Excerpts from a dataset:

::::

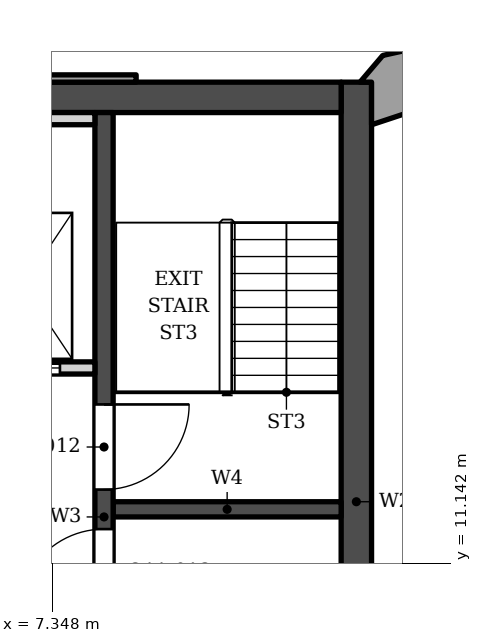
"""IFC4 building model, lengths in metres.
Left out: names, types, materials, properties, quantities, classifications, styles, units other than length and angle.
Written with IfcOpenShell. Run it as: python <this file> out.ifc"""

import sys

from ifc_helpers import new_model, si_unit, direction, frame, frame_2d, origin, place, context, subcontext, project, spatial, polyline, rectangle, outline, extrude, element, fill, save


model = new_model("IFC4")
c1 = context("Model", 3, precision=1e-05, world=origin(), true_north=direction((0.0, 1.0)))
c2 = subcontext(c1, "Body", "Model", "MODEL_VIEW")
j1 = project(units=[si_unit("LENGTHUNIT", "METRE"), si_unit("PLANEANGLEUNIT", "RADIAN")], contexts=[c1])
p1 = place(None, origin())
s1 = spatial("IfcSite", under=j1, at=p1, CompositionType="ELEMENT")
p2 = place(p1, origin())
s2 = spatial("IfcBuilding", under=s1, at=p2, CompositionType="ELEMENT")
p3 = place(p2, frame((0.0, 0.0, 271.6)))
s3 = spatial("IfcBuildingStorey", under=s2, at=p3, CompositionType="ELEMENT", Elevation=271.6)
p4 = place(p3, frame((-12.1, 18.802, 0.0), z_axis=(0.0, 0.0, 1.0), x_axis=(1.0, 0.0, 0.0)))
e1 = element("IfcWall", 1, at=p4, inside=s3, PredefinedType="SHEAR", context=c2, shape_type="SweptSolid", body=[
    extrude(rectangle(XDim=24.2, YDim=0.5, at=frame_2d((12.1, 0.0))), origin(), (0.0, 0.0, 1.0), 3.9),
])
p5 = place(p3, frame((12.35, 5.253, 0.0), z_axis=(0.0, 0.0, 1.0), x_axis=(0.0, 1.0, 0.0)))
e2 = element("IfcWall", 2, at=p5, inside=s3, PredefinedType="SHEAR", context=c2, shape_type="SweptSolid", body=[
    extrude(rectangle(XDim=13.8, YDim=0.5, at=frame_2d((6.9, 0.0))), origin(), (0.0, 0.0, 1.0), 3.9),
])
p6 = place(p3, frame((8.2, 5.253, 0.0), z_axis=(0.0, 0.0, 1.0), x_axis=(0.0, 1.0, 0.0)))
e3 = element("IfcWall", 3, at=p6, inside=s3, PredefinedType="SHEAR", context=c2, shape_type="SweptSolid", body=[
    extrude(rectangle(XDim=13.3, YDim=0.3, at=frame_2d((6.65, 0.0))), origin(), (0.0, 0.0, 1.0), 3.9),
])
p7 = place(p6, frame((7.1, 0.0, 0.0)))
e4 = element("IfcOpeningElement", 4, at=p7, cuts=e3, PredefinedType="OPENING", context=c2, shape_type="SweptSolid", body=[
    extrude(rectangle(XDim=1.4, YDim=2.1, at=frame_2d((0.7, 1.05))), frame((0.0, 0.16, 0.0), z_axis=(0.0, -1.0, 0.0), x_axis=(1.0, 0.0, 0.0)), (0.0, 0.0, 1.0), 0.32),
])
p8 = place(p6, frame((5.05, 0.0, 0.0)))
e5 = element("IfcOpeningElement", 5, at=p8, cuts=e3, PredefinedType="OPENING", context=c2, shape_type="SweptSolid", body=[
    extrude(rectangle(XDim=1.4, YDim=2.1, at=frame_2d((0.7, 1.05))), frame((0.0, 0.16, 0.0), z_axis=(0.0, -1.0, 0.0), x_axis=(1.0, 0.0, 0.0)), (0.0, 0.0, 1.0), 0.32),
])
p9 = place(p3, frame((8.35, 12.028, 0.0), z_axis=(0.0, 0.0, 1.0), x_axis=(1.0, 0.0, 0.0)))
e6 = element("IfcWall", 6, at=p9, inside=s3, PredefinedType="SHEAR", context=c2, shape_type="SweptSolid", body=[
    extrude(rectangle(XDim=3.75, YDim=0.25, at=frame_2d((1.875, 0.0))), origin(), (0.0, 0.0, 1.0), 3.9),
])
p10 = place(p3, origin())
e7 = element("IfcWall", 7, at=p10, inside=s3, PredefinedType="SOLIDWALL", context=c2, shape_type="SweptSolid", body=[
    extrude(outline(polyline([(5.128, 19.173), (5.128, 19.052), (8.729, 19.052), (8.729, 19.173), (5.128, 19.173)])), origin(), (0.0, 0.0, 1.0), 3.0),
])
p11 = place(p3, origin())
e8 = element("IfcWall", 8, at=p11, inside=s3, PredefinedType="SOLIDWALL", context=c2, shape_type="SweptSolid", body=[
    extrude(outline(polyline([(14.201, 18.883), (14.008, 19.762), (12.784, 19.492), (12.41, 19.052), (12.6, 19.052), (12.6, 18.352), (14.201, 18.883)])), origin(), (0.0, 0.0, 1.0), 3.0),
])
p12 = place(p3, frame((5.3, 14.353, 0.0), z_axis=(0.0, 0.0, 1.0), x_axis=(1.0, 0.0, 0.0)))
e9 = element("IfcWall", 9, at=p12, inside=s3, PredefinedType="SOLIDWALL", context=c2, shape_type="SweptSolid", body=[
    extrude(rectangle(XDim=2.75, YDim=0.2, at=frame_2d((1.375, 0.0))), origin(), (0.0, 0.0, 1.0), 3.73),
])
p13 = place(p12, frame((0.975, 0.0, 0.0)))
e10 = element("IfcOpeningElement", 10, at=p13, cuts=e9, PredefinedType="OPENING", context=c2, shape_type="SweptSolid", body=[
    extrude(rectangle(XDim=1.2, YDim=2.1, at=frame_2d((0.6, 1.05))), frame((0.0, 0.11, 0.0), z_axis=(0.0, -1.0, 0.0), x_axis=(1.0, 0.0, 0.0)), (0.0, 0.0, 1.0), 0.22),
])
p14 = place(p3, frame((5.5, 18.453, 0.0), z_axis=(0.0, 0.0, 1.0), x_axis=(1.0, 0.0, 0.0)))
e11 = element("IfcWall", 11, at=p14, inside=s3, PredefinedType="SOLIDWALL", context=c2, shape_type="SweptSolid", body=[
    extrude(rectangle(XDim=2.55, YDim=0.2, at=frame_2d((1.275, 0.0))), origin(), (0.0, 0.0, 1.0), 3.73),
])
p15 = place(p13, origin())
e12 = element("IfcDoor", 12, at=p15, inside=s3, OperationType="DOUBLE_DOOR_SLIDING", PredefinedType="DOOR", context=c2, shape_type="SweptSolid", body=[
    extrude(rectangle(XDim=1.2, YDim=2.1, at=frame_2d((0.6, 1.05))), frame((0.0, 0.025, 0.0), z_axis=(0.0, -1.0, 0.0), x_axis=(1.0, 0.0, 0.0)), (0.0, 0.0, 1.0), 0.05),
])
fill(e10, e12)
p16 = place(p7, origin())
e13 = element("IfcDoor", 13, at=p16, inside=s3, OperationType="SINGLE_SWING_RIGHT", PredefinedType="DOOR", context=c2, shape_type="SweptSolid", body=[
    extrude(rectangle(XDim=1.4, YDim=2.1, at=frame_2d((0.7, 1.05))), frame((0.0, 0.025, 0.0), z_axis=(0.0, -1.0, 0.0), x_axis=(1.0, 0.0, 0.0)), (0.0, 0.0, 1.0), 0.05),
])
fill(e4, e13)
p17 = place(p8, origin())
e14 = element("IfcDoor", 14, at=p17, inside=s3, OperationType="SINGLE_SWING_LEFT", PredefinedType="DOOR", context=c2, shape_type="SweptSolid", body=[
    extrude(rectangle(XDim=1.4, YDim=2.1, at=frame_2d((0.7, 1.05))), frame((0.0, 0.025, 0.0), z_axis=(0.0, -1.0, 0.0), x_axis=(1.0, 0.0, 0.0)), (0.0, 0.0, 1.0), 0.05),
])
fill(e5, e14)
save(model, sys.argv[1])

::::

What needs to be done - If a line above contains the word "IfcDoor", list it.

Result of this task -
e12 = element("IfcDoor", 12, at=p15, inside=s3, OperationType="DOUBLE_DOOR_SLIDING", PredefinedType="DOOR", context=c2, shape_type="SweptSolid", body=[
e13 = element("IfcDoor", 13, at=p16, inside=s3, OperationType="SINGLE_SWING_RIGHT", PredefinedType="DOOR", context=c2, shape_type="SweptSolid", body=[
e14 = element("IfcDoor", 14, at=p17, inside=s3, OperationType="SINGLE_SWING_LEFT", PredefinedType="DOOR", context=c2, shape_type="SweptSolid", body=[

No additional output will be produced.